- PROVIDED ENTRIES -

━━━━━━━━━━━━━━━━━━━━

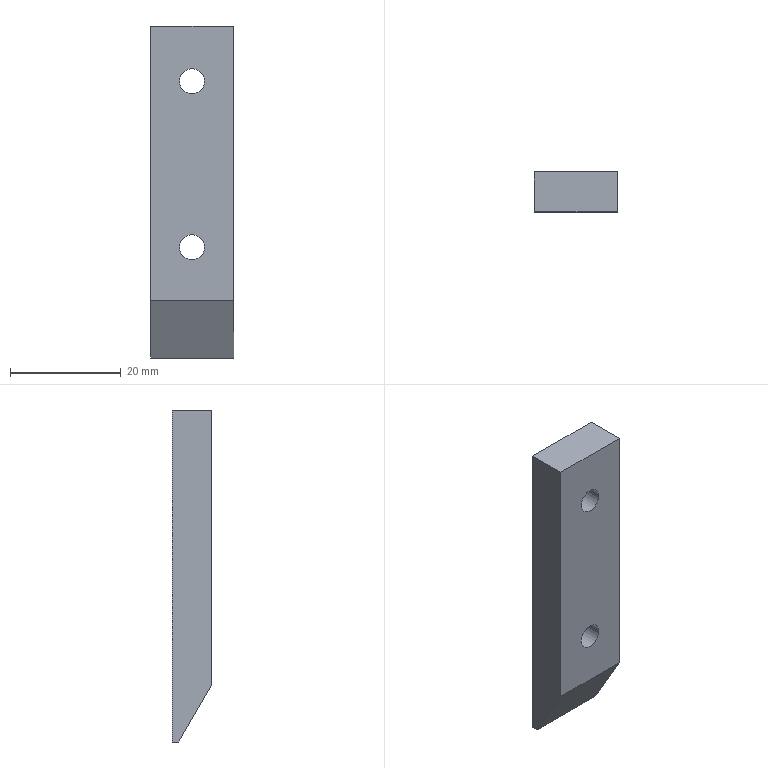Component | SolidWorks | 12-DividingMechanism-1111-1_25-1111-2 | 1 solid | 15 faces | box 15 x 7.2 x 60 mm | volume 5690 mm3 | plane 7 | cone 4 | cylinder 4 | commonest cylinder face diameters 4.5 x4
build123d program:
from build123d import *

# Parameters (mm, degrees)
SKETCH5_W                                            = 60
SKETCH5_H                                            = 15
BOSS_EXTRUDE1_DEPTH                                  = 7.2
CHAMFER1_SIZE                                        = 6
CHAMFER1_SIZE2                                       = 10.392
M4_HEXAGON_SOCKET_COUNTERSUNK_HEAD_SCREW_D           = 4.5
M4_HEXAGON_SOCKET_COUNTERSUNK_HEAD_SCREW_CSINK_D     = 8.96
M4_HEXAGON_SOCKET_COUNTERSUNK_HEAD_SCREW_CSINK_ANGLE = 90


with BuildPart() as part:
    # Sketch5 → Boss-Extrude1 (new body)
    with BuildSketch(Plane(origin=(0, 0, 0), x_dir=(1, 0, 0), z_dir=(0, 1, 0))):
        Rectangle(SKETCH5_W, SKETCH5_H)
    extrude(amount=BOSS_EXTRUDE1_DEPTH)

    # Chamfer1
    chamfer1_edges = [part.edges().sort_by_distance(p)[0] for p in [
        (30, 0, 0),
    ]]
    chamfer1_side = [part.faces().sort_by_distance(p)[0] for p in [
        (30, 3.6, 0),
    ]]
    chamfer(chamfer1_edges, length=CHAMFER1_SIZE, length2=CHAMFER1_SIZE2, reference=chamfer1_side[0])

    # M4 Hexagon Socket Countersunk Head Screw (through all)
    with Locations(Plane(origin=(0, 7.2, 0), x_dir=(1, 0, 0), z_dir=(0, 1, 0))):
        with Locations((-20, 0), (10, 0)):
            CounterSinkHole(M4_HEXAGON_SOCKET_COUNTERSUNK_HEAD_SCREW_D / 2, M4_HEXAGON_SOCKET_COUNTERSUNK_HEAD_SCREW_CSINK_D / 2, counter_sink_angle=M4_HEXAGON_SOCKET_COUNTERSUNK_HEAD_SCREW_CSINK_ANGLE)


solid = part.part

# Placed as in the assembly
solid = solid.moved(Location((-90.322, 571.824, 1524.056), (0, 90, 0)))
STEP:
#1=COLOUR_RGB('',0.7922,0.8196,0.9333);
#2=FILL_AREA_STYLE_COLOUR('',#1);
#3=FILL_AREA_STYLE('',(#2));
#4=SURFACE_STYLE_FILL_AREA(#3);
#5=SURFACE_SIDE_STYLE('',(#4));
#6=SURFACE_STYLE_USAGE(.BOTH.,#5);
#7=PRESENTATION_STYLE_ASSIGNMENT((#6));
#8=CARTESIAN_POINT('',(-3.645,22.708,60.79));
#9=VERTEX_POINT('',#8);
#10=CARTESIAN_POINT('',(-3.467,22.708,60.79));
#11=VERTEX_POINT('',#10);
#12=CARTESIAN_POINT('',(-3.556,22.708,60.79));
#13=DIRECTION('',(0.,1.,0.));
#14=DIRECTION('',(1.,0.,0.));
#15=AXIS2_PLACEMENT_3D('',#12,#13,#14);
#16=CIRCLE('',#15,0.08858);
#17=EDGE_CURVE('',#9,#11,#16,.T.);
#18=ORIENTED_EDGE('',*,*,#17,.F.);
#19=CARTESIAN_POINT('',(-3.732,22.796,60.79));
#20=VERTEX_POINT('',#19);
#21=CARTESIAN_POINT('',(-3.732,22.796,60.79));
#22=DIRECTION('',(-0.7071,0.7071,-0.));
#23=VECTOR('',#22,39.37);
#24=LINE('',#21,#23);
#25=EDGE_CURVE('',#9,#20,#24,.T.);
#26=ORIENTED_EDGE('',*,*,#25,.T.);
#27=CARTESIAN_POINT('',(-3.38,22.796,60.79));
#28=VERTEX_POINT('',#27);
#29=CARTESIAN_POINT('',(-3.556,22.796,60.79));
#30=DIRECTION('',(0.,1.,0.));
#31=DIRECTION('',(1.,0.,0.));
#32=AXIS2_PLACEMENT_3D('',#29,#30,#31);
#33=CIRCLE('',#32,0.1764);
#34=EDGE_CURVE('',#20,#28,#33,.T.);
#35=ORIENTED_EDGE('',*,*,#34,.T.);
#36=CARTESIAN_POINT('',(-3.38,22.796,60.79));
#37=DIRECTION('',(0.7071,0.7071,0.));
#38=VECTOR('',#37,39.37);
#39=LINE('',#36,#38);
#40=EDGE_CURVE('',#11,#28,#39,.T.);
#41=ORIENTED_EDGE('',*,*,#40,.F.);
#42=EDGE_LOOP('',(#18,#26,#35,#41));
#43=FACE_OUTER_BOUND('',#42,.T.);
#44=CARTESIAN_POINT('',(-3.556,22.796,60.79));
#45=DIRECTION('',(0.,1.,0.));
#46=DIRECTION('',(1.,0.,0.));
#47=AXIS2_PLACEMENT_3D('',#44,#45,#46);
#48=CONICAL_SURFACE('',#47,0.1764,0.7854);
#49=ADVANCED_FACE('',(#43),#48,.F.);
#50=CARTESIAN_POINT('',(-3.645,22.513,60.79));
#51=VERTEX_POINT('',#50);
#52=CARTESIAN_POINT('',(-3.467,22.513,60.79));
#53=VERTEX_POINT('',#52);
#54=CARTESIAN_POINT('',(-3.556,22.513,60.79));
#55=DIRECTION('',(0.,1.,0.));
#56=DIRECTION('',(1.,0.,0.));
#57=AXIS2_PLACEMENT_3D('',#54,#55,#56);
#58=CIRCLE('',#57,0.08858);
#59=EDGE_CURVE('',#51,#53,#58,.T.);
#60=ORIENTED_EDGE('',*,*,#59,.F.);
#61=CARTESIAN_POINT('',(-3.645,22.796,60.79));
#62=DIRECTION('',(0.,1.,0.));
#63=VECTOR('',#62,39.37);
#64=LINE('',#61,#63);
#65=EDGE_CURVE('',#51,#9,#64,.T.);
#66=ORIENTED_EDGE('',*,*,#65,.T.);
#67=ORIENTED_EDGE('',*,*,#17,.T.);
#68=CARTESIAN_POINT('',(-3.467,22.796,60.79));
#69=DIRECTION('',(0.,1.,0.));
#70=VECTOR('',#69,39.37);
#71=LINE('',#68,#70);
#72=EDGE_CURVE('',#53,#11,#71,.T.);
#73=ORIENTED_EDGE('',*,*,#72,.F.);
#74=EDGE_LOOP('',(#60,#66,#67,#73));
#75=FACE_OUTER_BOUND('',#74,.T.);
#76=CARTESIAN_POINT('',(-3.556,22.796,60.79));
#77=DIRECTION('',(0.,1.,0.));
#78=DIRECTION('',(1.,0.,0.));
#79=AXIS2_PLACEMENT_3D('',#76,#77,#78);
#80=CYLINDRICAL_SURFACE('',#79,0.08858);
#81=ADVANCED_FACE('',(#75),#80,.F.);
#82=CARTESIAN_POINT('',(-3.645,22.708,59.608));
#83=VERTEX_POINT('',#82);
#84=CARTESIAN_POINT('',(-3.467,22.708,59.608));
#85=VERTEX_POINT('',#84);
#86=CARTESIAN_POINT('',(-3.556,22.708,59.608));
#87=DIRECTION('',(0.,1.,0.));
#88=DIRECTION('',(1.,0.,0.));
#89=AXIS2_PLACEMENT_3D('',#86,#87,#88);
#90=CIRCLE('',#89,0.08858);
#91=EDGE_CURVE('',#83,#85,#90,.T.);
#92=ORIENTED_EDGE('',*,*,#91,.F.);
#93=CARTESIAN_POINT('',(-3.732,22.796,59.608));
#94=VERTEX_POINT('',#93);
#95=CARTESIAN_POINT('',(-3.732,22.796,59.608));
#96=DIRECTION('',(-0.7071,0.7071,-0.));
#97=VECTOR('',#96,39.37);
#98=LINE('',#95,#97);
#99=EDGE_CURVE('',#83,#94,#98,.T.);
#100=ORIENTED_EDGE('',*,*,#99,.T.);
#101=CARTESIAN_POINT('',(-3.38,22.796,59.608));
#102=VERTEX_POINT('',#101);
#103=CARTESIAN_POINT('',(-3.556,22.796,59.608));
#104=DIRECTION('',(0.,1.,0.));
#105=DIRECTION('',(1.,0.,0.));
#106=AXIS2_PLACEMENT_3D('',#103,#104,#105);
#107=CIRCLE('',#106,0.1764);
#108=EDGE_CURVE('',#94,#102,#107,.T.);
#109=ORIENTED_EDGE('',*,*,#108,.T.);
#110=CARTESIAN_POINT('',(-3.38,22.796,59.608));
#111=DIRECTION('',(0.7071,0.7071,0.));
#112=VECTOR('',#111,39.37);
#113=LINE('',#110,#112);
#114=EDGE_CURVE('',#85,#102,#113,.T.);
#115=ORIENTED_EDGE('',*,*,#114,.F.);
#116=EDGE_LOOP('',(#92,#100,#109,#115));
#117=FACE_OUTER_BOUND('',#116,.T.);
#118=CARTESIAN_POINT('',(-3.556,22.796,59.608));
#119=DIRECTION('',(0.,1.,0.));
#120=DIRECTION('',(1.,0.,0.));
#121=AXIS2_PLACEMENT_3D('',#118,#119,#120);
#122=CONICAL_SURFACE('',#121,0.1764,0.7854);
#123=ADVANCED_FACE('',(#117),#122,.F.);
#124=CARTESIAN_POINT('',(-3.645,22.513,59.608));
#125=VERTEX_POINT('',#124);
#126=CARTESIAN_POINT('',(-3.467,22.513,59.608));
#127=VERTEX_POINT('',#126);
#128=CARTESIAN_POINT('',(-3.556,22.513,59.608));
#129=DIRECTION('',(0.,1.,0.));
#130=DIRECTION('',(1.,0.,0.));
#131=AXIS2_PLACEMENT_3D('',#128,#129,#130);
#132=CIRCLE('',#131,0.08858);
#133=EDGE_CURVE('',#125,#127,#132,.T.);
#134=ORIENTED_EDGE('',*,*,#133,.F.);
#135=CARTESIAN_POINT('',(-3.645,22.796,59.608));
#136=DIRECTION('',(0.,1.,0.));
#137=VECTOR('',#136,39.37);
#138=LINE('',#135,#137);
#139=EDGE_CURVE('',#125,#83,#138,.T.);
#140=ORIENTED_EDGE('',*,*,#139,.T.);
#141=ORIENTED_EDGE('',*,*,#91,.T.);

━━━━━━━━━━━━━━━━━━━━

- WHAT IS NEEDED -
Will you return exactly the lines above from the one with "#79=AXIS2_PLACEMENT_3D('',#76,#77,#78);" down to the one with "#94=VERTEX_POINT('',#93);", counting both as part of the range?

- REPLY -
#79=AXIS2_PLACEMENT_3D('',#76,#77,#78);
#80=CYLINDRICAL_SURFACE('',#79,0.08858);
#81=ADVANCED_FACE('',(#75),#80,.F.);
#82=CARTESIAN_POINT('',(-3.645,22.708,59.608));
#83=VERTEX_POINT('',#82);
#84=CARTESIAN_POINT('',(-3.467,22.708,59.608));
#85=VERTEX_POINT('',#84);
#86=CARTESIAN_POINT('',(-3.556,22.708,59.608));
#87=DIRECTION('',(0.,1.,0.));
#88=DIRECTION('',(1.,0.,0.));
#89=AXIS2_PLACEMENT_3D('',#86,#87,#88);
#90=CIRCLE('',#89,0.08858);
#91=EDGE_CURVE('',#83,#85,#90,.T.);
#92=ORIENTED_EDGE('',*,*,#91,.F.);
#93=CARTESIAN_POINT('',(-3.732,22.796,59.608));
#94=VERTEX_POINT('',#93);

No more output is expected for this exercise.